:: Work instruction ::
This exercise calls for the line with "#31=DIRECTION('',(0.,1.,0.));", the line with "#78=CARTESIAN_POINT('',(-43.943,64.67,114.201));", and all lines between them in the material below, output exactly and with no other lines.

#####

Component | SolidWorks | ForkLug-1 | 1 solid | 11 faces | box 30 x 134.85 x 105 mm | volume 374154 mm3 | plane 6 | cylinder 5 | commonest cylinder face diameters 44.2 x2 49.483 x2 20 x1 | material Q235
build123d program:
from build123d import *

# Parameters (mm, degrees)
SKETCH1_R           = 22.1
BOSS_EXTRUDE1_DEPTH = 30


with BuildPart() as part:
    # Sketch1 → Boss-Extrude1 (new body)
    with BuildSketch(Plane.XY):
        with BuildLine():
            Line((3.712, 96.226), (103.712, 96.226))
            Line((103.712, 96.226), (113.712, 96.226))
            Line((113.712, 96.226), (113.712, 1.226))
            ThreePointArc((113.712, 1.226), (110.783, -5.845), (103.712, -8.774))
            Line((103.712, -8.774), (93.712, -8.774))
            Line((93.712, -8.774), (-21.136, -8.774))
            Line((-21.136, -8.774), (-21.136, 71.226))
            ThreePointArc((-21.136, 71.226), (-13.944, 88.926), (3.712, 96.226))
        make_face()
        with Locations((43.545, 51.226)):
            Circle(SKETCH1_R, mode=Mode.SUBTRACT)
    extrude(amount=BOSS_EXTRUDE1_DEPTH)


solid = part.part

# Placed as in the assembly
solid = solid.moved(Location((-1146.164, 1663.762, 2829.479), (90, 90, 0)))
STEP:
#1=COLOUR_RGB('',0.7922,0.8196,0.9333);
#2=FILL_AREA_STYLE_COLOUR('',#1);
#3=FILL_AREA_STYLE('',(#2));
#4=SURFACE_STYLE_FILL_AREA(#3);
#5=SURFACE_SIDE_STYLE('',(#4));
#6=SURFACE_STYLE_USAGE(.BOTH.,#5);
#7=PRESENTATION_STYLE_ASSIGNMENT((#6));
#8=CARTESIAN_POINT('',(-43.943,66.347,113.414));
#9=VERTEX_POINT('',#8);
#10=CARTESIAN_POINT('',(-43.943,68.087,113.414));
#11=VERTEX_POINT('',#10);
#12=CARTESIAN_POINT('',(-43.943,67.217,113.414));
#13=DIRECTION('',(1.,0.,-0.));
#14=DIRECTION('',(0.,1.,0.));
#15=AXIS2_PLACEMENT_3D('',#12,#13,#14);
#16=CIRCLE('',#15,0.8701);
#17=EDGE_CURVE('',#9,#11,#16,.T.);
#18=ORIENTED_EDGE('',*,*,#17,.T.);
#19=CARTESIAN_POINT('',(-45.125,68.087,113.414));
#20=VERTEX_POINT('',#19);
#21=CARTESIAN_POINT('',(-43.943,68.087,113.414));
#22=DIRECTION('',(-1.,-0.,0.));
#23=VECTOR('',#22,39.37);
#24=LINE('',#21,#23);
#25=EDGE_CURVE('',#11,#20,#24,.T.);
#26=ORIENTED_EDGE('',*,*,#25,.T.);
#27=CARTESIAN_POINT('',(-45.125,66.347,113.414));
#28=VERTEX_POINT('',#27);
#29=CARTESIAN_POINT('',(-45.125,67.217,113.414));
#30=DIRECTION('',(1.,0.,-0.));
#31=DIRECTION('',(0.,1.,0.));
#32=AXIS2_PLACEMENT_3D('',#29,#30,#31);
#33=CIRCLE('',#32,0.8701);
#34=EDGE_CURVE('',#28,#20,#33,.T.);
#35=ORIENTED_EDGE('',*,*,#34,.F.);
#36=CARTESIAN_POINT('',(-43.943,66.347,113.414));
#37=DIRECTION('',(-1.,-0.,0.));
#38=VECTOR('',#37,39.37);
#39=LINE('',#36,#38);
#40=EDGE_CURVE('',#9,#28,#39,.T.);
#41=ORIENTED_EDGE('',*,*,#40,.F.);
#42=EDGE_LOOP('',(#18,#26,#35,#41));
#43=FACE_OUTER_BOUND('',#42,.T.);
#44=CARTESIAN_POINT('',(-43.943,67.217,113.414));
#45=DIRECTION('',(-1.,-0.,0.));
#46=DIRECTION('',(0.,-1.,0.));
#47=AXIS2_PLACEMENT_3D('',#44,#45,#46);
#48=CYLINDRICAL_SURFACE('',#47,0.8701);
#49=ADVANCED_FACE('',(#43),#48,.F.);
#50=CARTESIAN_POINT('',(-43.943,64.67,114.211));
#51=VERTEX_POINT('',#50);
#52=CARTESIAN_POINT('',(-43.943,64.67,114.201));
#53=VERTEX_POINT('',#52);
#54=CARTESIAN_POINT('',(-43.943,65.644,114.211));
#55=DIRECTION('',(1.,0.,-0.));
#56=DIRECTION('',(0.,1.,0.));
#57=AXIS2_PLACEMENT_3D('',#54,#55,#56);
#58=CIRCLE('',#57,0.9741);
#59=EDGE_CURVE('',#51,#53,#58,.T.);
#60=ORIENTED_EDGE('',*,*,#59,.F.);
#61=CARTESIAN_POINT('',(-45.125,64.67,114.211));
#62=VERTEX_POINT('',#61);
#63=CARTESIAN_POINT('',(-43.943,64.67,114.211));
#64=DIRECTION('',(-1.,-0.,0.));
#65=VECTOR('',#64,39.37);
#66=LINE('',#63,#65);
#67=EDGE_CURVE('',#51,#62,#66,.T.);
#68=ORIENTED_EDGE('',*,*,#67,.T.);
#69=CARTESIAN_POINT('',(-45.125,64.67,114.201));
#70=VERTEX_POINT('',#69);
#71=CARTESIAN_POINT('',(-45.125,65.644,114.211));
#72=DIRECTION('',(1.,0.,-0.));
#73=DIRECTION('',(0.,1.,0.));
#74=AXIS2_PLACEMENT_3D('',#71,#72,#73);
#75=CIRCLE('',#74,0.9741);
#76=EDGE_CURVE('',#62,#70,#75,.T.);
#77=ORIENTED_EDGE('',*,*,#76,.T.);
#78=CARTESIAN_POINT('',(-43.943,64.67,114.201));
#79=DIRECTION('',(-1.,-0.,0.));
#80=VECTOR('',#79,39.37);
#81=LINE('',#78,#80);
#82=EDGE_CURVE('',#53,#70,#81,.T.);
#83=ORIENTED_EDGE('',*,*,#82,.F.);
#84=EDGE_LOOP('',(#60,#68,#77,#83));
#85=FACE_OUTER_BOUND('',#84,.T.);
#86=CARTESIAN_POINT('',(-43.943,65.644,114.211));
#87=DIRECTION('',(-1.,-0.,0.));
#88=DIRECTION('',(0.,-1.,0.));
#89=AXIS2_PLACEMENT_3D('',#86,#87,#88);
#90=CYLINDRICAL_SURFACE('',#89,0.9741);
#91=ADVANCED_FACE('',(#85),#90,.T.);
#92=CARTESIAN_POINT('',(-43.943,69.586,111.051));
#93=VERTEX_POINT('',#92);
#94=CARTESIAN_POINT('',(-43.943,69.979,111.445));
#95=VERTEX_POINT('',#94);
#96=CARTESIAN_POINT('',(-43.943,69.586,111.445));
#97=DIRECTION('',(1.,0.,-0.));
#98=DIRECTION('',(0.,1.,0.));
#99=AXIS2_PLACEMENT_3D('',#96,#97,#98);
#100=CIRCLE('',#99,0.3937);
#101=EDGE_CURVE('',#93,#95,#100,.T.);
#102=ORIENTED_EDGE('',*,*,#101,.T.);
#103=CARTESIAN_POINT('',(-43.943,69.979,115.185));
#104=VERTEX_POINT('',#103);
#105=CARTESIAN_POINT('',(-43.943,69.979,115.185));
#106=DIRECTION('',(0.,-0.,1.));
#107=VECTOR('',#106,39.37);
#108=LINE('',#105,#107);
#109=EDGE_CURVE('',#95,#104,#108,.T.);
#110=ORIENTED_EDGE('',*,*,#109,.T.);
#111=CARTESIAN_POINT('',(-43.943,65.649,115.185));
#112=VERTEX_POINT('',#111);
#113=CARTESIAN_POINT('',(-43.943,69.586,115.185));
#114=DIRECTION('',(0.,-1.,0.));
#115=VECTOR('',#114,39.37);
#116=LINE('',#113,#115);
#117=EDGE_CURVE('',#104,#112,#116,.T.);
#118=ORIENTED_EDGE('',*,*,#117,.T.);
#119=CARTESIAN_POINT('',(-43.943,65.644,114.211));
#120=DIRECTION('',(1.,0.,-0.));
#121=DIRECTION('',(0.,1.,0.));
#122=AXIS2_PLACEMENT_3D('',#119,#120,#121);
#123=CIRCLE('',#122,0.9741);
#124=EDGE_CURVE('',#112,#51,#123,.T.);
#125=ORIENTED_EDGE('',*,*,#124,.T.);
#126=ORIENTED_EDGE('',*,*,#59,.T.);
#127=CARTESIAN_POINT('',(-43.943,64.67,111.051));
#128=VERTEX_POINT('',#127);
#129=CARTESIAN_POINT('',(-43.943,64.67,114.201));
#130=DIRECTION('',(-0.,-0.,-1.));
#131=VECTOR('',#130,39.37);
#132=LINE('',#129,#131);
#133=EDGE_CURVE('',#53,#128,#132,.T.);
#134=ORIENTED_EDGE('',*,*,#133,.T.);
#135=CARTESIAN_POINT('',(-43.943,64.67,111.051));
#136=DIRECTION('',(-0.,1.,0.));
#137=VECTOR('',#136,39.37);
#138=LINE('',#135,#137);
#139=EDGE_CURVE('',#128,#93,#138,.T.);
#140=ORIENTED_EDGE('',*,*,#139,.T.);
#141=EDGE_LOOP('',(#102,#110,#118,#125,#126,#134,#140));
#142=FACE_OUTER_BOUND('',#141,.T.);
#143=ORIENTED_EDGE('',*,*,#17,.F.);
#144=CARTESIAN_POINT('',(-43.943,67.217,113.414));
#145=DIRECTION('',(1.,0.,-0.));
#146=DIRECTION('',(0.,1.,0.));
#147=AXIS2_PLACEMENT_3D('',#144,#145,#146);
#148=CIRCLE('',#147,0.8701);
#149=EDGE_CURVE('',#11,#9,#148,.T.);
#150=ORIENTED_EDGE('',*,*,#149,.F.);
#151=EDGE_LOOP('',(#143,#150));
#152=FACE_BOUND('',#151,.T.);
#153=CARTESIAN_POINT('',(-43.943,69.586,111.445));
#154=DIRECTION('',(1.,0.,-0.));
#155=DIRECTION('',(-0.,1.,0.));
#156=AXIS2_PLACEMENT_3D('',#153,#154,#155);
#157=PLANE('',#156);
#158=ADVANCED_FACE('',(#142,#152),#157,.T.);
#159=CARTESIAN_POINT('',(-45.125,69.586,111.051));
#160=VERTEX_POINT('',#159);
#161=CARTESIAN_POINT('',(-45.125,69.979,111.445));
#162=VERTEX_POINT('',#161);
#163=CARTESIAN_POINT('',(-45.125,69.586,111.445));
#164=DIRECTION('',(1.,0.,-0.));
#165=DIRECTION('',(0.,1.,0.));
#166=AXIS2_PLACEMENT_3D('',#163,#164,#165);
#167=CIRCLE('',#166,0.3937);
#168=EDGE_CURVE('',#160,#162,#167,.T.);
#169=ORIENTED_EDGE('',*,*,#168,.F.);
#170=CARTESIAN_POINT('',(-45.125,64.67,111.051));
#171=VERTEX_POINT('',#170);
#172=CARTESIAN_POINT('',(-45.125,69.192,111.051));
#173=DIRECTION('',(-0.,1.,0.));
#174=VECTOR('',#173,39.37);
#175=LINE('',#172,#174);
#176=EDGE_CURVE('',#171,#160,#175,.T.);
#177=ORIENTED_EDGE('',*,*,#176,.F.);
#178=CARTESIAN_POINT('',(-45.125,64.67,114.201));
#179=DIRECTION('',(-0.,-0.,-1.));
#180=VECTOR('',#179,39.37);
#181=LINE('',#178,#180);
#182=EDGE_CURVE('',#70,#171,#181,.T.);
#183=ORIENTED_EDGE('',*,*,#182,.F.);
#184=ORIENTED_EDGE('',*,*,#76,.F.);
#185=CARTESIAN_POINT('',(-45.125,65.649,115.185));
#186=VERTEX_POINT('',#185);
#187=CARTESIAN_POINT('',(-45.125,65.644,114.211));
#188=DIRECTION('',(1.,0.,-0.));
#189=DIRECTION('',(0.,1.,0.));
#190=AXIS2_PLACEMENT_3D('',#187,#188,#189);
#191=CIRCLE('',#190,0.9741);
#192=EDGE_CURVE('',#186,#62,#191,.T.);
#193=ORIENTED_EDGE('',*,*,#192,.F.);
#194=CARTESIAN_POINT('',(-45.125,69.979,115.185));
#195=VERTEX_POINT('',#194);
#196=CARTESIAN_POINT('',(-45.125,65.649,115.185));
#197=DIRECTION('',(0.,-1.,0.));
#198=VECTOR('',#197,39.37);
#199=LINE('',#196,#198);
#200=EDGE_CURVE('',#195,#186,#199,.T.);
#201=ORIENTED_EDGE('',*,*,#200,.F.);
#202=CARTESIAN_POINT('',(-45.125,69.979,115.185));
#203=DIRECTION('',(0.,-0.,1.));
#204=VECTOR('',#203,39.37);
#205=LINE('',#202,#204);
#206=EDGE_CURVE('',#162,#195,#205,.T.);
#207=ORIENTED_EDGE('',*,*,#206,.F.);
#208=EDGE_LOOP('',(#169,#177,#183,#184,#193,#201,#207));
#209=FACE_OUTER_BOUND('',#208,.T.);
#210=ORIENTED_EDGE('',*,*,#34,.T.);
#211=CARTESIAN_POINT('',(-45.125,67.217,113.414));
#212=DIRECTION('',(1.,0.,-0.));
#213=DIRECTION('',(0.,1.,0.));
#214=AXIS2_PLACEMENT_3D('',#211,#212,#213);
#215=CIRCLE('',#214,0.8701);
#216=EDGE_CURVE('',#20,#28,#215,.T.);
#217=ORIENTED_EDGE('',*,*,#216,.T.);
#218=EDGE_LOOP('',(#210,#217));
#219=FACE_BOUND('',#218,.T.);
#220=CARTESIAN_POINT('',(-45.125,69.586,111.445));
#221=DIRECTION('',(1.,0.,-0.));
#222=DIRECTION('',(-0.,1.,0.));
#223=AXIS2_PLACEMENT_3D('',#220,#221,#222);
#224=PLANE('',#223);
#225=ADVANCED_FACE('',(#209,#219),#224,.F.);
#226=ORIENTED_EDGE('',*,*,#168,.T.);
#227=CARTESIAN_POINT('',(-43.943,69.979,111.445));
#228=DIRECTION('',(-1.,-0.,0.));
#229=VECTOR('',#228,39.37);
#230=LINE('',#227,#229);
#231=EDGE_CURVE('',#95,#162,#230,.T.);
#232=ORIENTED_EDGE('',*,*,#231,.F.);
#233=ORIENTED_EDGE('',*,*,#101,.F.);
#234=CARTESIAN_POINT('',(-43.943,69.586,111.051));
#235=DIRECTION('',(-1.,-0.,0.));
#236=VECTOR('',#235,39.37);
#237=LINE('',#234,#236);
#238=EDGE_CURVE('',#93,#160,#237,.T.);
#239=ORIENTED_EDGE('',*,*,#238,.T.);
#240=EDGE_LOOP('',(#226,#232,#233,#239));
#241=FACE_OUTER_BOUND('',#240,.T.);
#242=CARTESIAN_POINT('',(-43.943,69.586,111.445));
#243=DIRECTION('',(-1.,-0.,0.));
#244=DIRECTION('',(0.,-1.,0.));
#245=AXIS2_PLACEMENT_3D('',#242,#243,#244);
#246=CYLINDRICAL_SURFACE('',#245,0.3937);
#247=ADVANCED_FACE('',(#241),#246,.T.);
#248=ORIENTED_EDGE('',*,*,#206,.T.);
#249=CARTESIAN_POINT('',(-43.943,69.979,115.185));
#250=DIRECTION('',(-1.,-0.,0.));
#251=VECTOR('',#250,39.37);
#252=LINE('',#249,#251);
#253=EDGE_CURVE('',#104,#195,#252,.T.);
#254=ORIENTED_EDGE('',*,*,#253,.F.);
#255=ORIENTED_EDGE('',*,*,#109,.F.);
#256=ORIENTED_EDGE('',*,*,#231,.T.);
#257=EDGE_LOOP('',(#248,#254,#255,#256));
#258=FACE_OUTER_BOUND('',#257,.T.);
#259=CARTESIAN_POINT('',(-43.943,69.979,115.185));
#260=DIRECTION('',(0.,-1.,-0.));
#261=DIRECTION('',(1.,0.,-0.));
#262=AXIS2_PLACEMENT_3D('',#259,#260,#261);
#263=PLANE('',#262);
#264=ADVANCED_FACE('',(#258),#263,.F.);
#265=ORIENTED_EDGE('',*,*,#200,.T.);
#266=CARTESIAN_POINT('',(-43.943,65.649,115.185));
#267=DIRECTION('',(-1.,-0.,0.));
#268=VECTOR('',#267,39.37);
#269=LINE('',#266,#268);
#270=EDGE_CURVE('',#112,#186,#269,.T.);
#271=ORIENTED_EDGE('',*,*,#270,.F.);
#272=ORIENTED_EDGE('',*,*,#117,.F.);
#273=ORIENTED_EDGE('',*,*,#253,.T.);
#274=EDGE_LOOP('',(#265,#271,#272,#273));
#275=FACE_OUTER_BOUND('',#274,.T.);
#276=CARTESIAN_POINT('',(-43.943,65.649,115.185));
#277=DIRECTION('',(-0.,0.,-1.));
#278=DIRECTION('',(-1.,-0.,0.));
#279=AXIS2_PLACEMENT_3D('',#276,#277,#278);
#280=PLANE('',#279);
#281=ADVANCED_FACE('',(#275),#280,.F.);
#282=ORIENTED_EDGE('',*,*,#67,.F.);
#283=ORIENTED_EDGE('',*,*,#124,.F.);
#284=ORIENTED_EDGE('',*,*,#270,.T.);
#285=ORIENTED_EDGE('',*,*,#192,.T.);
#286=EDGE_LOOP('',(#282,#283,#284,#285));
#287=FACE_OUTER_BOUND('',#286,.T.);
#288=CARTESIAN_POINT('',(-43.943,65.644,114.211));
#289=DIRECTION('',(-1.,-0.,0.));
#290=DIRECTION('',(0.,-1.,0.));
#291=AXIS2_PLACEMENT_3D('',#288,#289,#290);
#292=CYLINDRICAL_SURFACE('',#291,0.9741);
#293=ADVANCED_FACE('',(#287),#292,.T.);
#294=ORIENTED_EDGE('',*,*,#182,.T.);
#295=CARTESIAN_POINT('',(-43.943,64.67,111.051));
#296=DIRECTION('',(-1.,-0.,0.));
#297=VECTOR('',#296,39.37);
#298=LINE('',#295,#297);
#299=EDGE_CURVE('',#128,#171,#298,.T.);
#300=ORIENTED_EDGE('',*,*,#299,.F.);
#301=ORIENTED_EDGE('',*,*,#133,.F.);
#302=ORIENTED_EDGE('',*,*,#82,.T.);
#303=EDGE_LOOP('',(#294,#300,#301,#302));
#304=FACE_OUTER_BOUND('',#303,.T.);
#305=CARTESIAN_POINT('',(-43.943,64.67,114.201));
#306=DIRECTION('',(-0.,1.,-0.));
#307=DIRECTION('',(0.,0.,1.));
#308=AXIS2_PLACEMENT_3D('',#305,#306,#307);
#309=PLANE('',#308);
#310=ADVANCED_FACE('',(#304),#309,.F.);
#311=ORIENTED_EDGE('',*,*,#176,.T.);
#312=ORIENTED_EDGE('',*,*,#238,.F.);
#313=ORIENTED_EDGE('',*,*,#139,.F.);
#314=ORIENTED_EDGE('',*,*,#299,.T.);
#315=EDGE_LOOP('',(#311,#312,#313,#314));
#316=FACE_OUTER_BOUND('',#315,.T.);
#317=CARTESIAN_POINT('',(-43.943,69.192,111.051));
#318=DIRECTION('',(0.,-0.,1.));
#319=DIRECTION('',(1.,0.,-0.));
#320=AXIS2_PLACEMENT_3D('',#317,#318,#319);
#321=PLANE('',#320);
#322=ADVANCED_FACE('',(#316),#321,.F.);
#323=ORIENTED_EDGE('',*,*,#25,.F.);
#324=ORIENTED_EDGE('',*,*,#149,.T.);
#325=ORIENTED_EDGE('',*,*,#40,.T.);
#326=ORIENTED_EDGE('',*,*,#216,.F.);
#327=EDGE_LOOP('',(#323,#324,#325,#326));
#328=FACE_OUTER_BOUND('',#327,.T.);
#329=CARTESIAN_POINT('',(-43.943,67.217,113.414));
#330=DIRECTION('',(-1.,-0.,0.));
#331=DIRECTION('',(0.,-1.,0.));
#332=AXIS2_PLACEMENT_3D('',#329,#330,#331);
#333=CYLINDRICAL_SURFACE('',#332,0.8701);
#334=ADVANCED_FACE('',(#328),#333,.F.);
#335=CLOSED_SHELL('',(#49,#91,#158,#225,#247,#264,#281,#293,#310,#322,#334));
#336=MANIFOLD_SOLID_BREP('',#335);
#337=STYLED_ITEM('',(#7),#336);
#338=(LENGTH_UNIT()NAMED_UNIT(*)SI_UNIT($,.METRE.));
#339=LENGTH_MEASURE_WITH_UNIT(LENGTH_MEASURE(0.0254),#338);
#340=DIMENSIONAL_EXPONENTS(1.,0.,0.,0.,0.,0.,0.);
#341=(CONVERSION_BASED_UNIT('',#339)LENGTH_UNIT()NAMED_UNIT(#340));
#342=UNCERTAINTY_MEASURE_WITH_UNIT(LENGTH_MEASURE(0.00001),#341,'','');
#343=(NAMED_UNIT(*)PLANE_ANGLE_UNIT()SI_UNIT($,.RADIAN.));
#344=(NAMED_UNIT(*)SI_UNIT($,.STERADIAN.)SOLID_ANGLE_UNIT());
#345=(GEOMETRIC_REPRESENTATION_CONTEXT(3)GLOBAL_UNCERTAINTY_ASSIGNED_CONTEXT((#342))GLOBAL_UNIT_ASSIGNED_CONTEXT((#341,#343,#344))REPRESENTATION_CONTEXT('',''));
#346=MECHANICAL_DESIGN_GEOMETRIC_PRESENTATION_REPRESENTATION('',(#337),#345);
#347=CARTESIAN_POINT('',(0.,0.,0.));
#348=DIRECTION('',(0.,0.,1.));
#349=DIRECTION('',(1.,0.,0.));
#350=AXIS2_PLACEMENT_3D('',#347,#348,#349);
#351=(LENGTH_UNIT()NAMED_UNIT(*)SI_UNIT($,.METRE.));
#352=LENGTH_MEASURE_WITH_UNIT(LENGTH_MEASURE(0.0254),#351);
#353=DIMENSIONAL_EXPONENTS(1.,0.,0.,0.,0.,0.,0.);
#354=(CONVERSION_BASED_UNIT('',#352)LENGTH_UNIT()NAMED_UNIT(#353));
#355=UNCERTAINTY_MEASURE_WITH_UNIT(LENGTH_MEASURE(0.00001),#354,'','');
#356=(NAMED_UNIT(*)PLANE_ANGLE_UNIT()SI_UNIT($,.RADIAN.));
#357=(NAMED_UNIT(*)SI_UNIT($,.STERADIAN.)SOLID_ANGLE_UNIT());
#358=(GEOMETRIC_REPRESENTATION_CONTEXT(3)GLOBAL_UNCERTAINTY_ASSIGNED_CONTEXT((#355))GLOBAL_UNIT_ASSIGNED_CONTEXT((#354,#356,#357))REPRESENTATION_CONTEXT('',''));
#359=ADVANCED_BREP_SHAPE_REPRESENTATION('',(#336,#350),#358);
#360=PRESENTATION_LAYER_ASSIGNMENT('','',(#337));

#####

:: Response below ::
#31=DIRECTION('',(0.,1.,0.));
#32=AXIS2_PLACEMENT_3D('',#29,#30,#31);
#33=CIRCLE('',#32,0.8701);
#34=EDGE_CURVE('',#28,#20,#33,.T.);
#35=ORIENTED_EDGE('',*,*,#34,.F.);
#36=CARTESIAN_POINT('',(-43.943,66.347,113.414));
#37=DIRECTION('',(-1.,-0.,0.));
#38=VECTOR('',#37,39.37);
#39=LINE('',#36,#38);
#40=EDGE_CURVE('',#9,#28,#39,.T.);
#41=ORIENTED_EDGE('',*,*,#40,.F.);
#42=EDGE_LOOP('',(#18,#26,#35,#41));
#43=FACE_OUTER_BOUND('',#42,.T.);
#44=CARTESIAN_POINT('',(-43.943,67.217,113.414));
#45=DIRECTION('',(-1.,-0.,0.));
#46=DIRECTION('',(0.,-1.,0.));
#47=AXIS2_PLACEMENT_3D('',#44,#45,#46);
#48=CYLINDRICAL_SURFACE('',#47,0.8701);
#49=ADVANCED_FACE('',(#43),#48,.F.);
#50=CARTESIAN_POINT('',(-43.943,64.67,114.211));
#51=VERTEX_POINT('',#50);
#52=CARTESIAN_POINT('',(-43.943,64.67,114.201));
#53=VERTEX_POINT('',#52);
#54=CARTESIAN_POINT('',(-43.943,65.644,114.211));
#55=DIRECTION('',(1.,0.,-0.));
#56=DIRECTION('',(0.,1.,0.));
#57=AXIS2_PLACEMENT_3D('',#54,#55,#56);
#58=CIRCLE('',#57,0.9741);
#59=EDGE_CURVE('',#51,#53,#58,.T.);
#60=ORIENTED_EDGE('',*,*,#59,.F.);
#61=CARTESIAN_POINT('',(-45.125,64.67,114.211));
#62=VERTEX_POINT('',#61);
#63=CARTESIAN_POINT('',(-43.943,64.67,114.211));
#64=DIRECTION('',(-1.,-0.,0.));
#65=VECTOR('',#64,39.37);
#66=LINE('',#63,#65);
#67=EDGE_CURVE('',#51,#62,#66,.T.);
#68=ORIENTED_EDGE('',*,*,#67,.T.);
#69=CARTESIAN_POINT('',(-45.125,64.67,114.201));
#70=VERTEX_POINT('',#69);
#71=CARTESIAN_POINT('',(-45.125,65.644,114.211));
#72=DIRECTION('',(1.,0.,-0.));
#73=DIRECTION('',(0.,1.,0.));
#74=AXIS2_PLACEMENT_3D('',#71,#72,#73);
#75=CIRCLE('',#74,0.9741);
#76=EDGE_CURVE('',#62,#70,#75,.T.);
#77=ORIENTED_EDGE('',*,*,#76,.T.);
#78=CARTESIAN_POINT('',(-43.943,64.67,114.201));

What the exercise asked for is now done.